● **DATA PROVIDED**
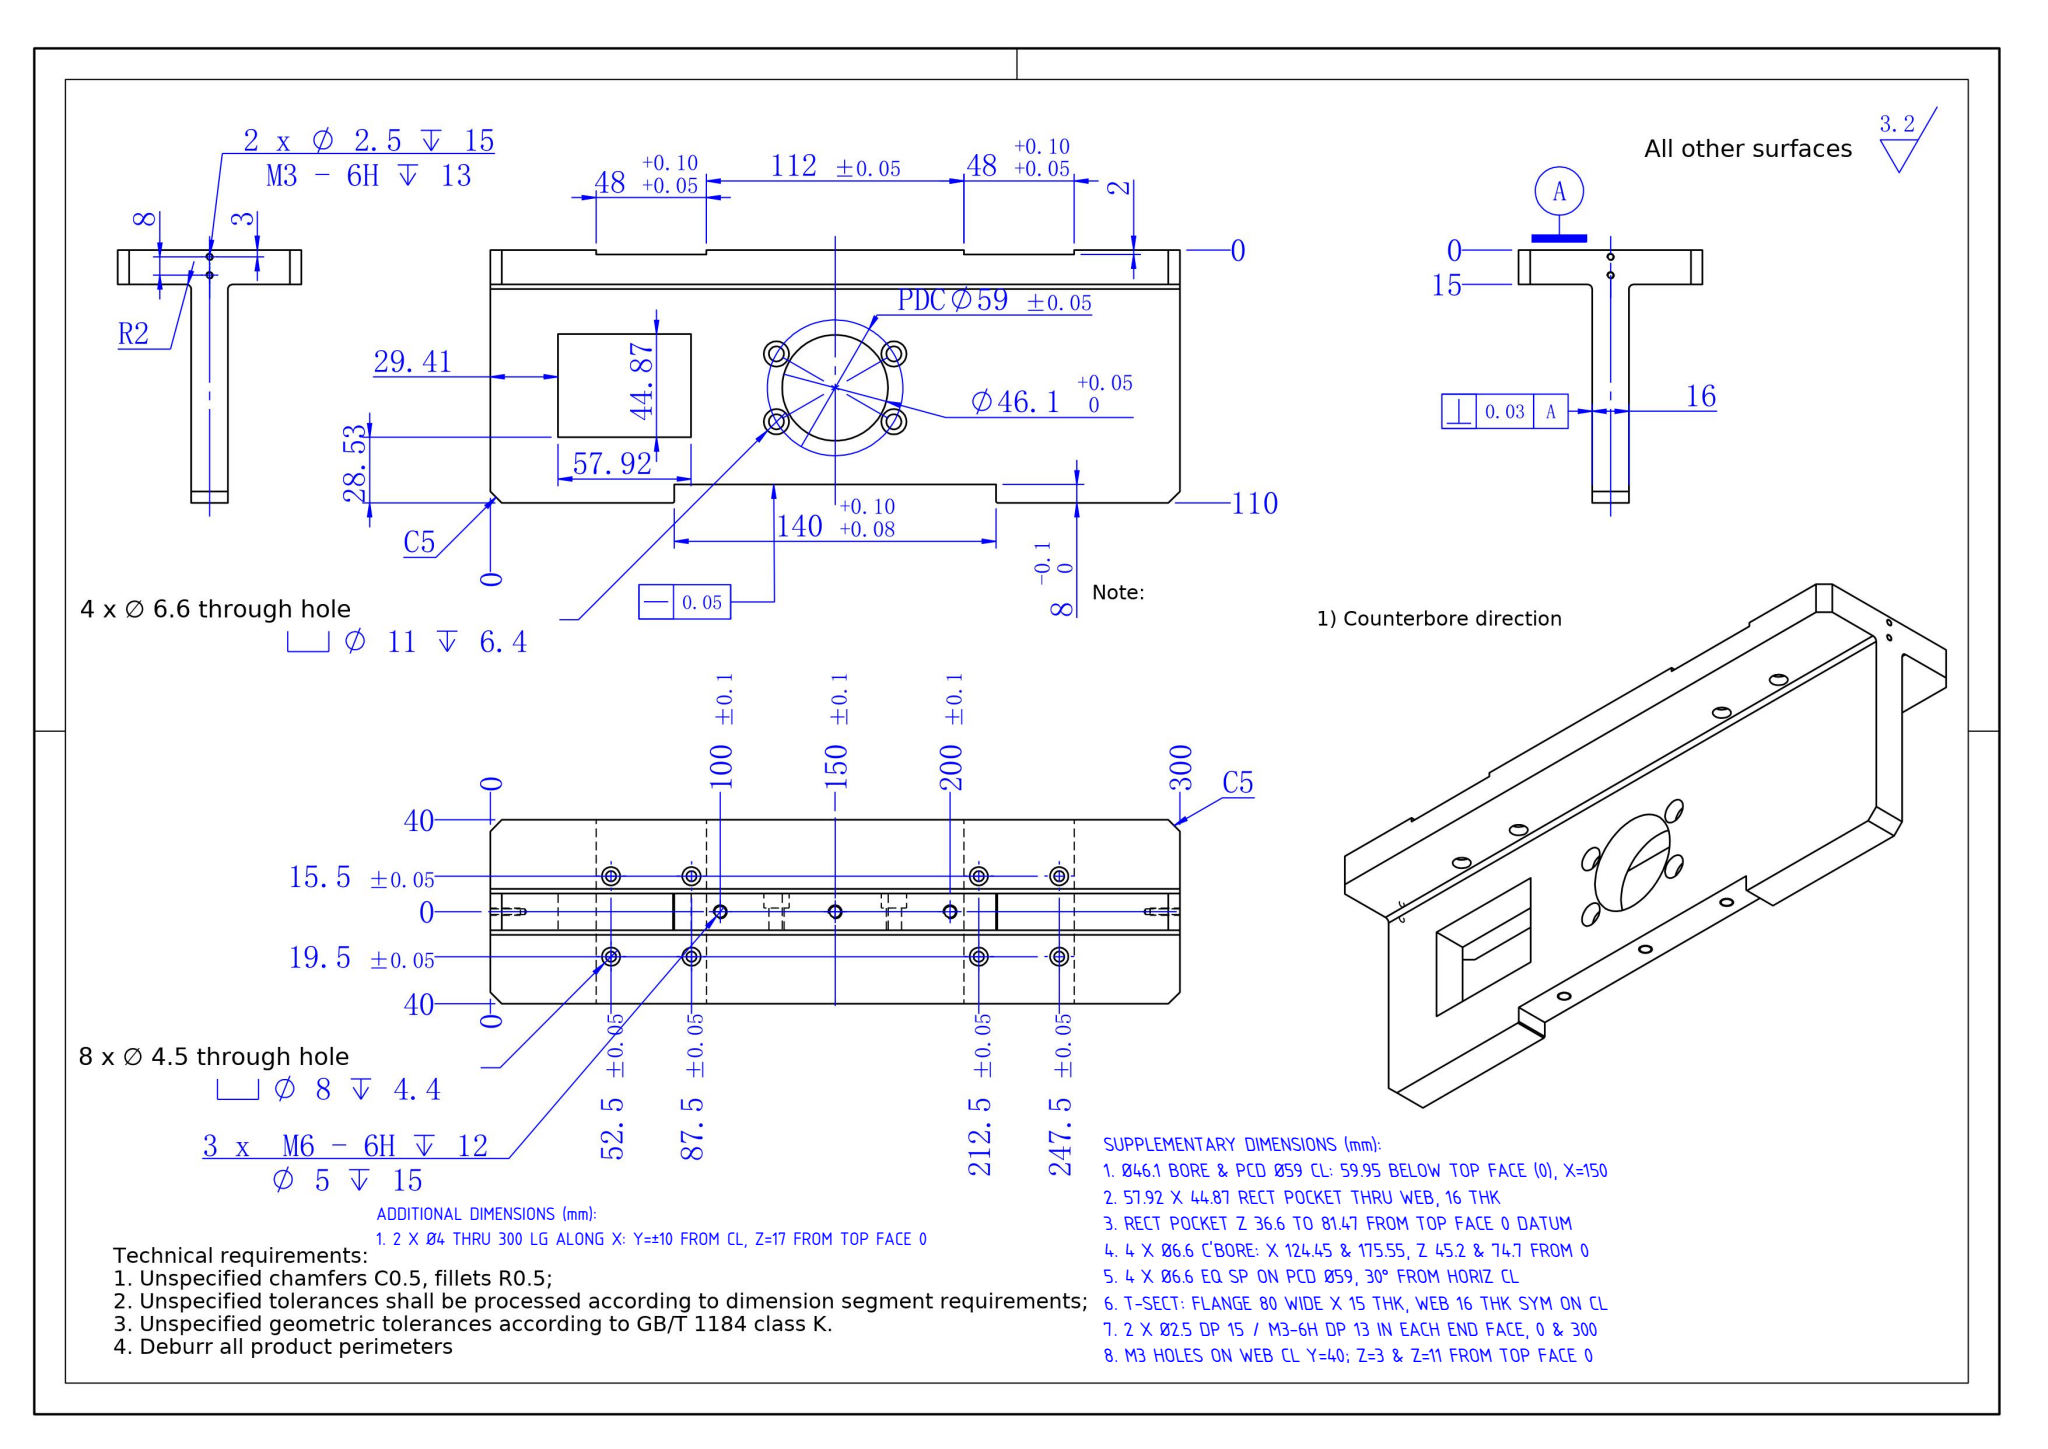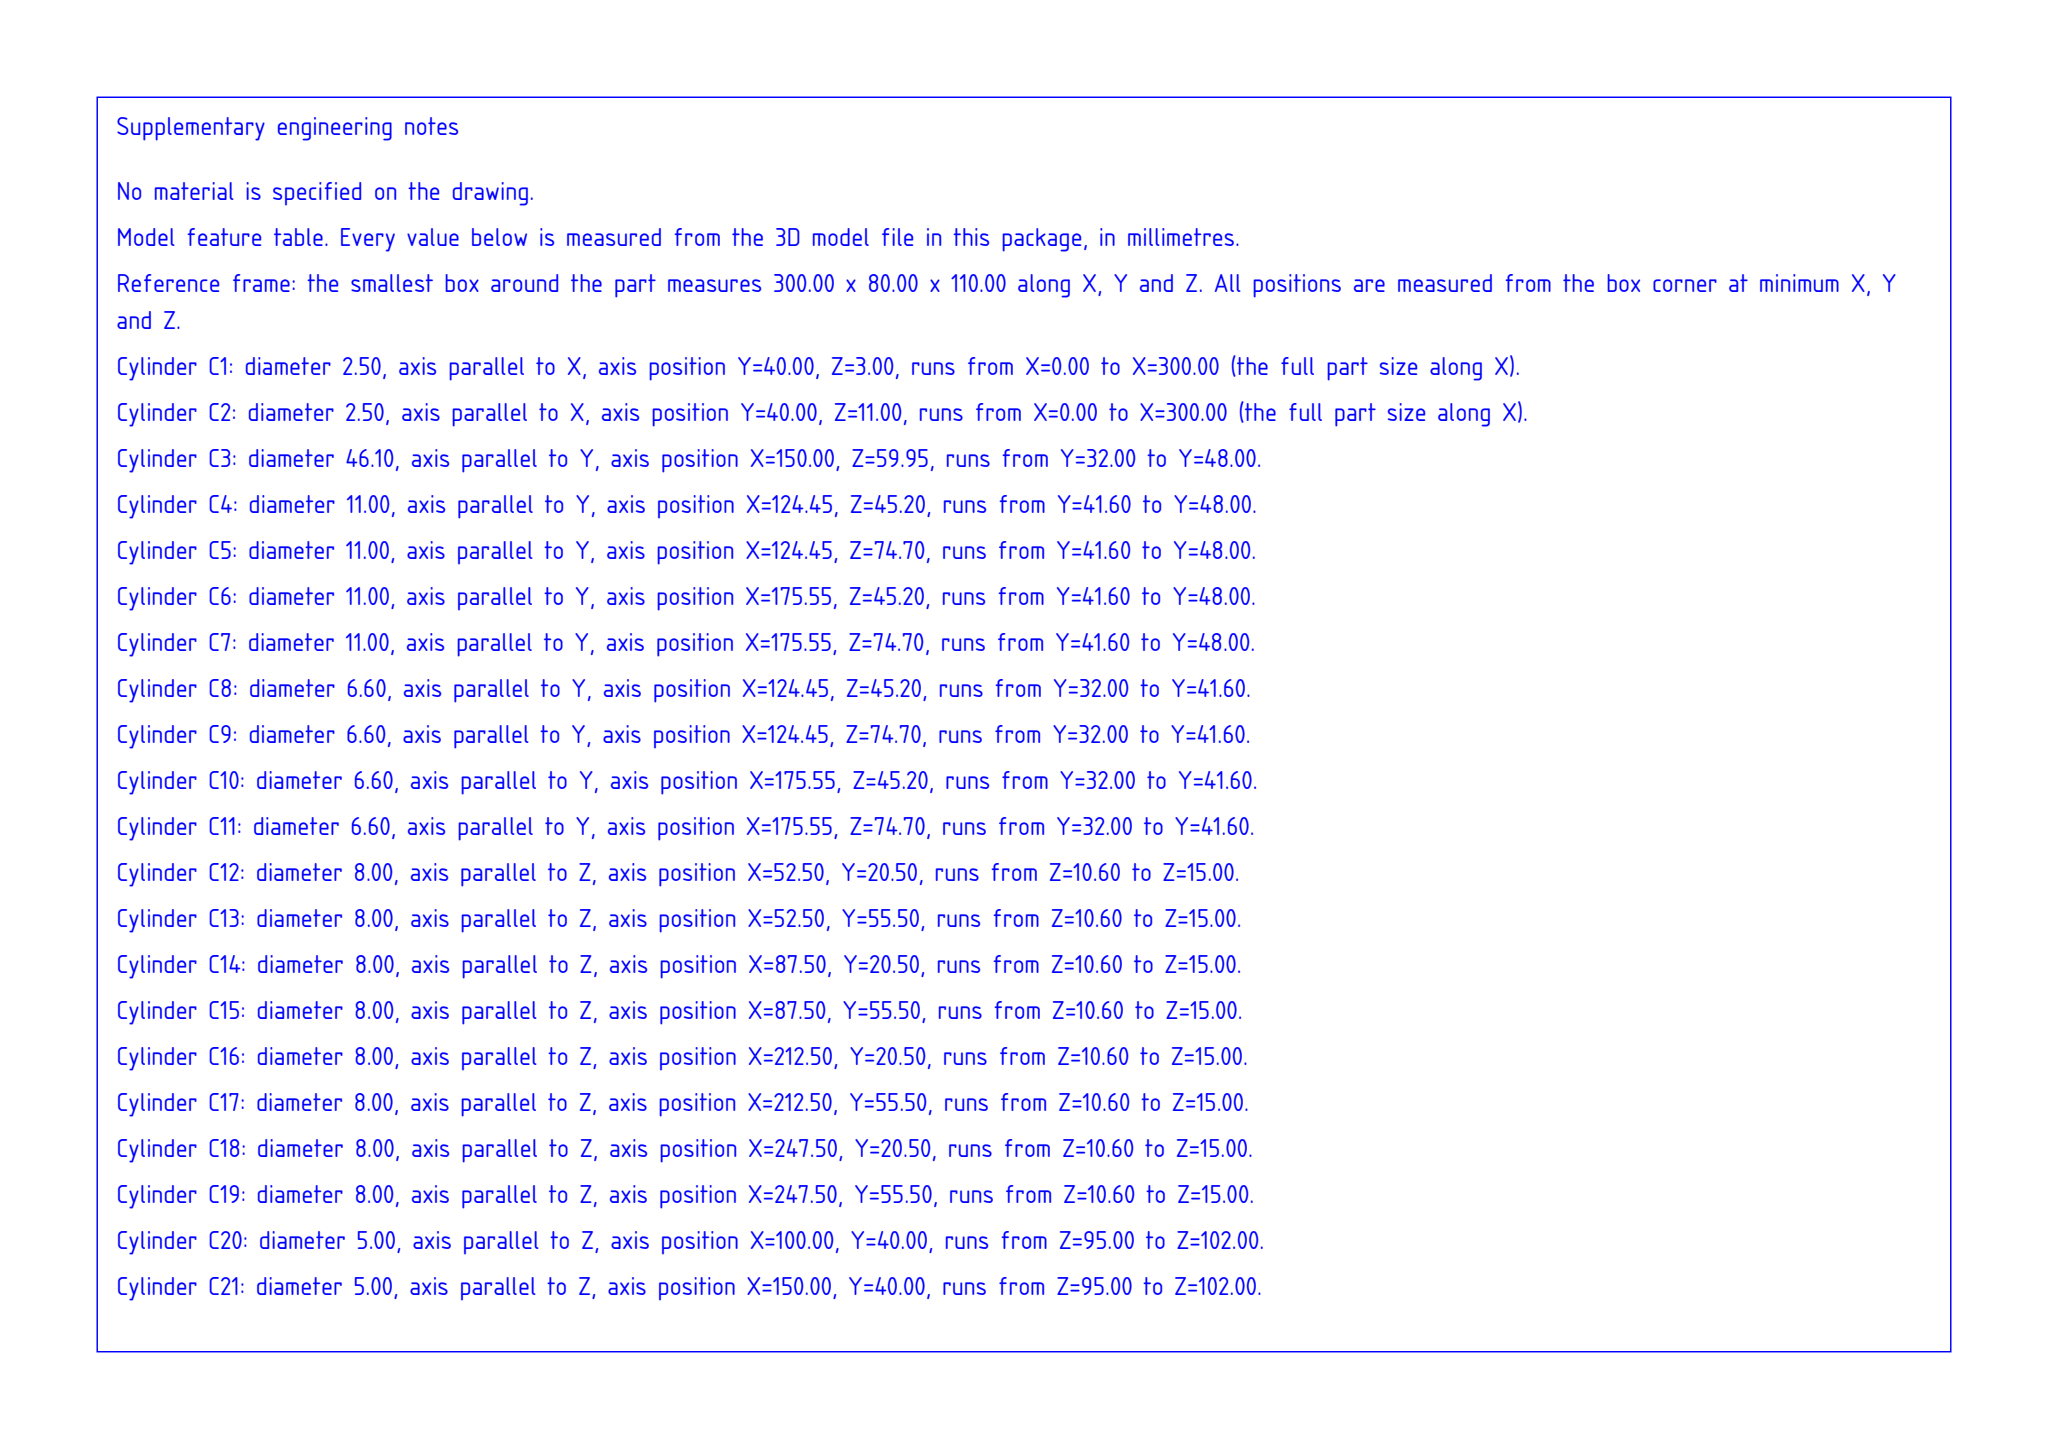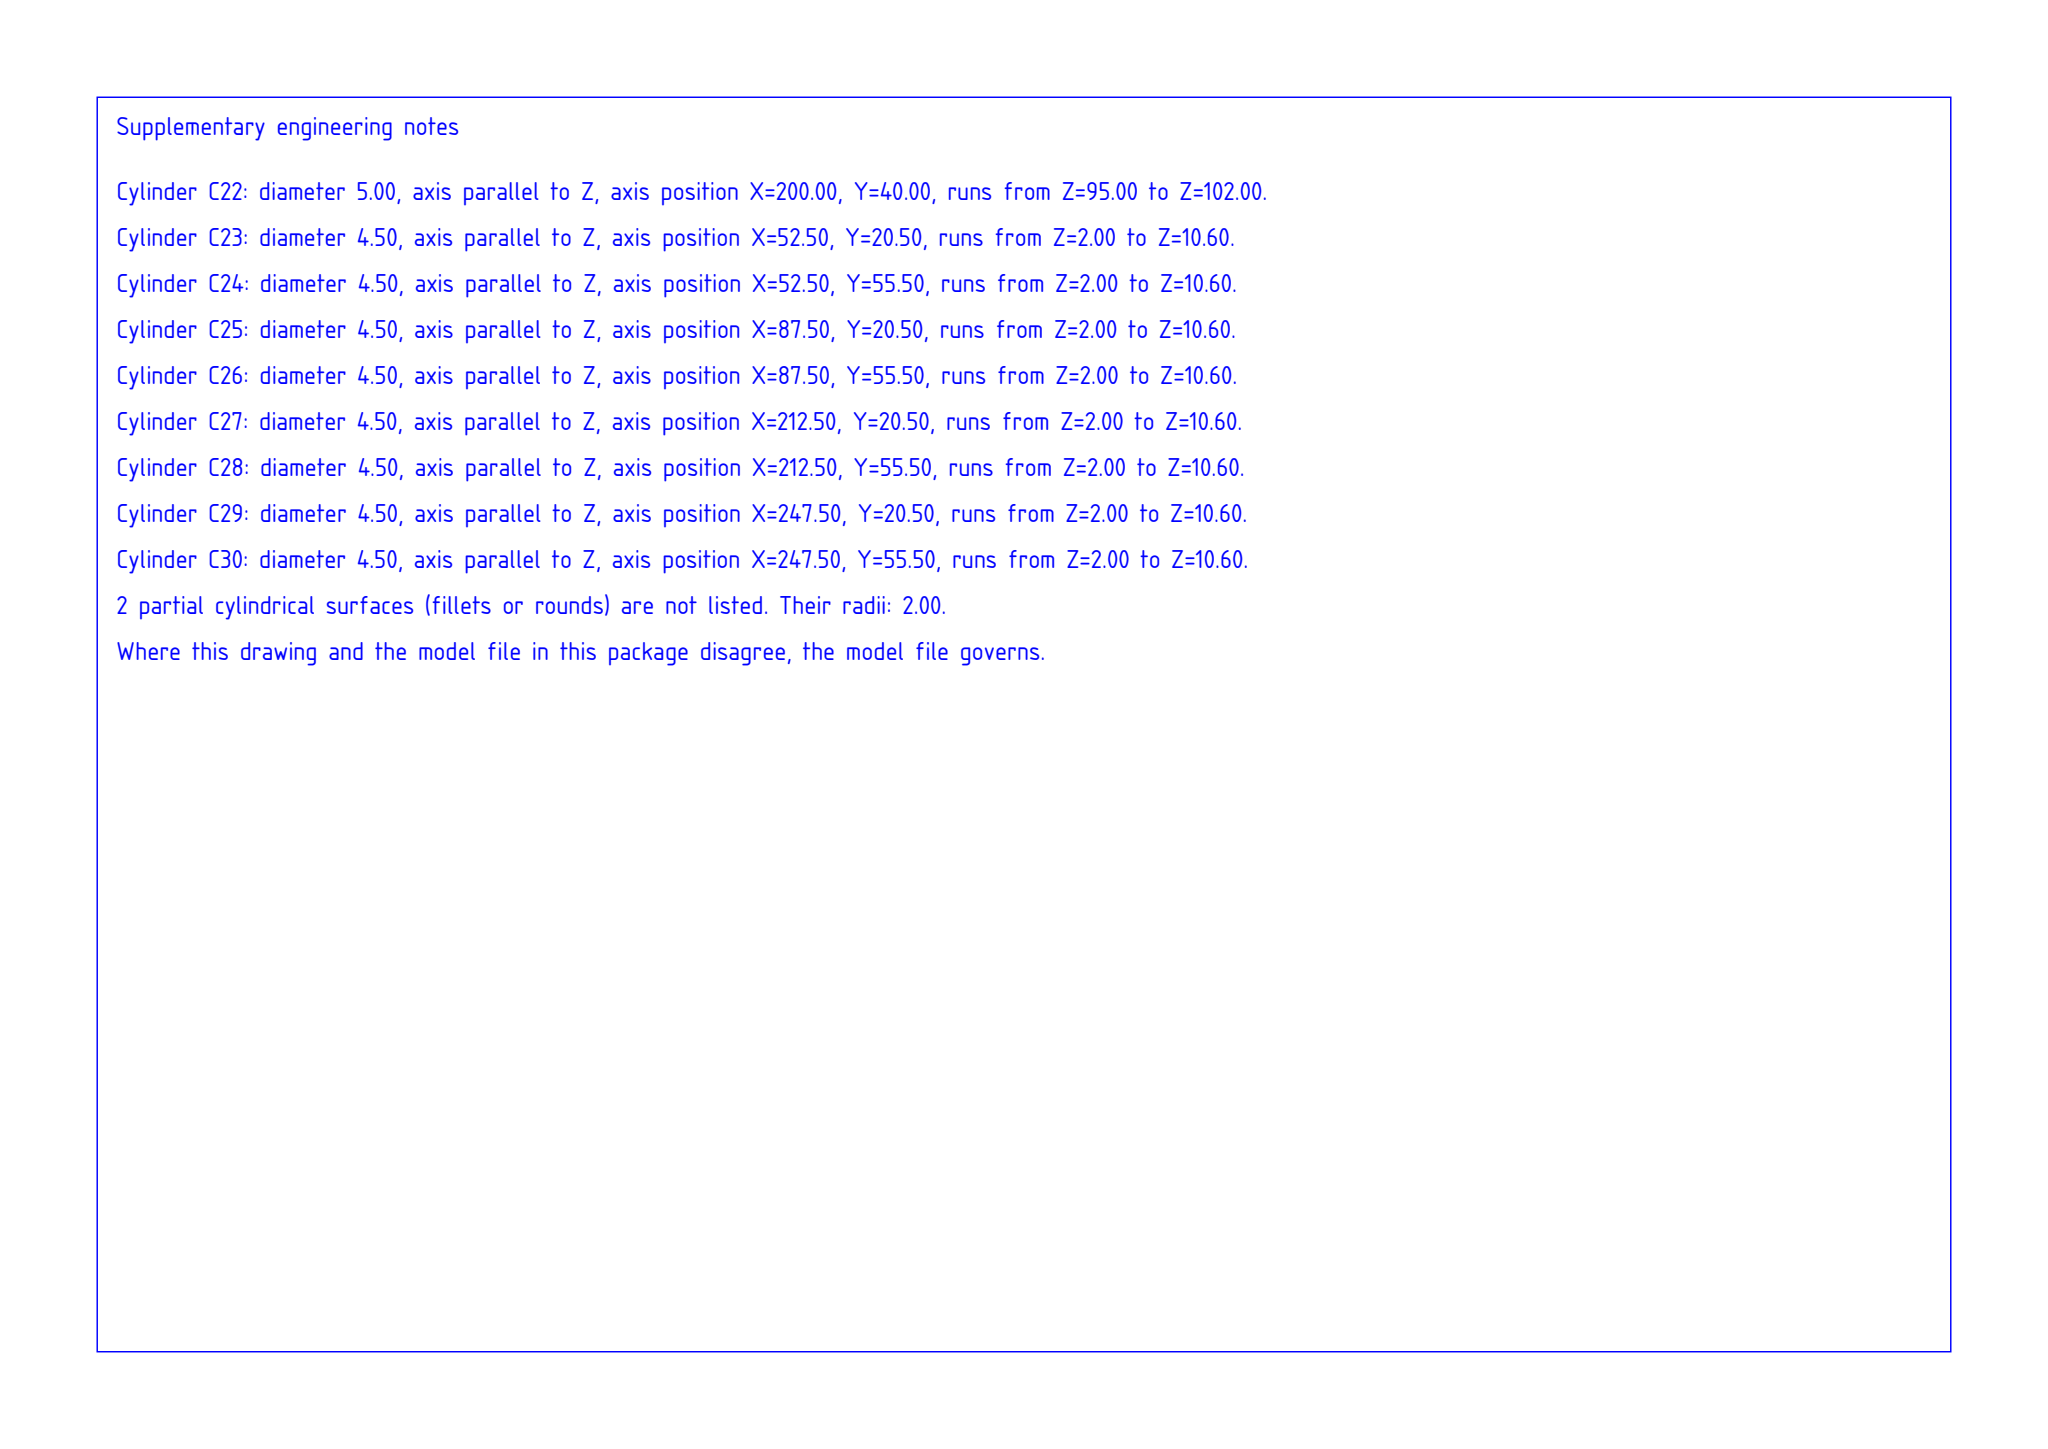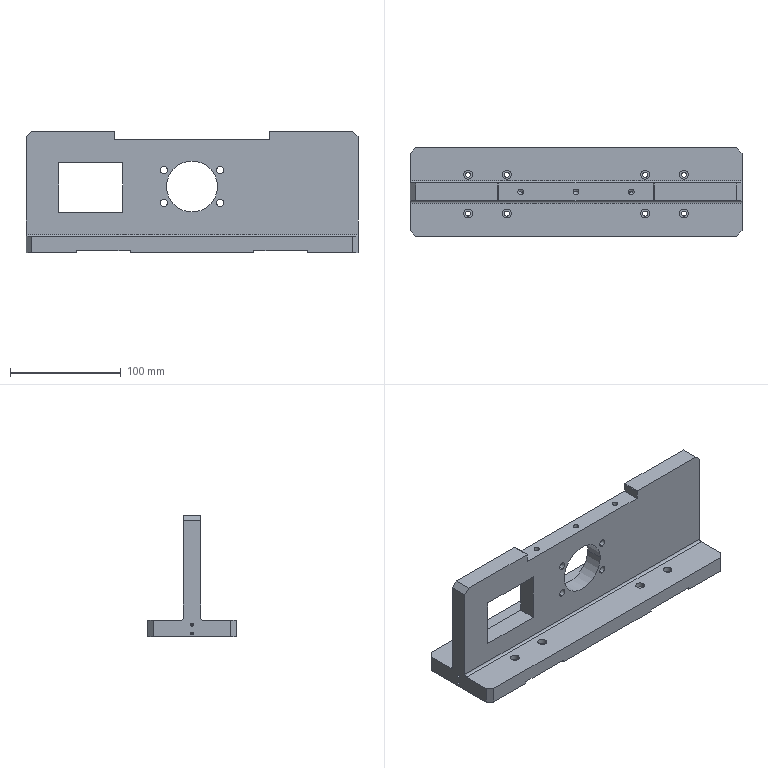Part | SolidWorks | mm | 1 solid | 126 faces | box 300 x 80 x 110 mm | volume 706445 mm3 | cylinder 66 | plane 46 | cone 14 | commonest cylinder face diameters 8 x16 4.5 x16 2.5 x8 11 x8 6.6 x8 5 x6 46.1 x2 4 x2
build123d program:
from build123d import *

# Parameters (mm, degrees)
SKETCH1_W                                       = 300
SKETCH1_H                                       = 80
EXTRUDE1_DEPTH                                  = 110
SKETCH2_W                                       = 95
SKETCH2_H                                       = 32
CUT_EXTRUDE1_DEPTH                              = 350
CHAMFER1_SIZE                                   = 5
M6_TAPPED_HOLE2_D                               = 5
M6_TAPPED_HOLE2_DEPTH                           = 15
M6_TAPPED_HOLE2_TIP                             = 1.502
CHAMFER2_SIZE                                   = 5
SKETCH33_W                                      = 140
SKETCH33_H                                      = 8
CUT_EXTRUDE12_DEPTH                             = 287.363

● **WHAT IS NEEDED**
Only the lines from the beginning of the listing up to and including the line with "# Parameters (mm, degrees)" should appear in the reply, copied word for word and free of pictures.

● **OUTPUT**
Part | SolidWorks | mm | 1 solid | 126 faces | box 300 x 80 x 110 mm | volume 706445 mm3 | cylinder 66 | plane 46 | cone 14 | commonest cylinder face diameters 8 x16 4.5 x16 2.5 x8 11 x8 6.6 x8 5 x6 46.1 x2 4 x2
build123d program:
from build123d import *

# Parameters (mm, degrees)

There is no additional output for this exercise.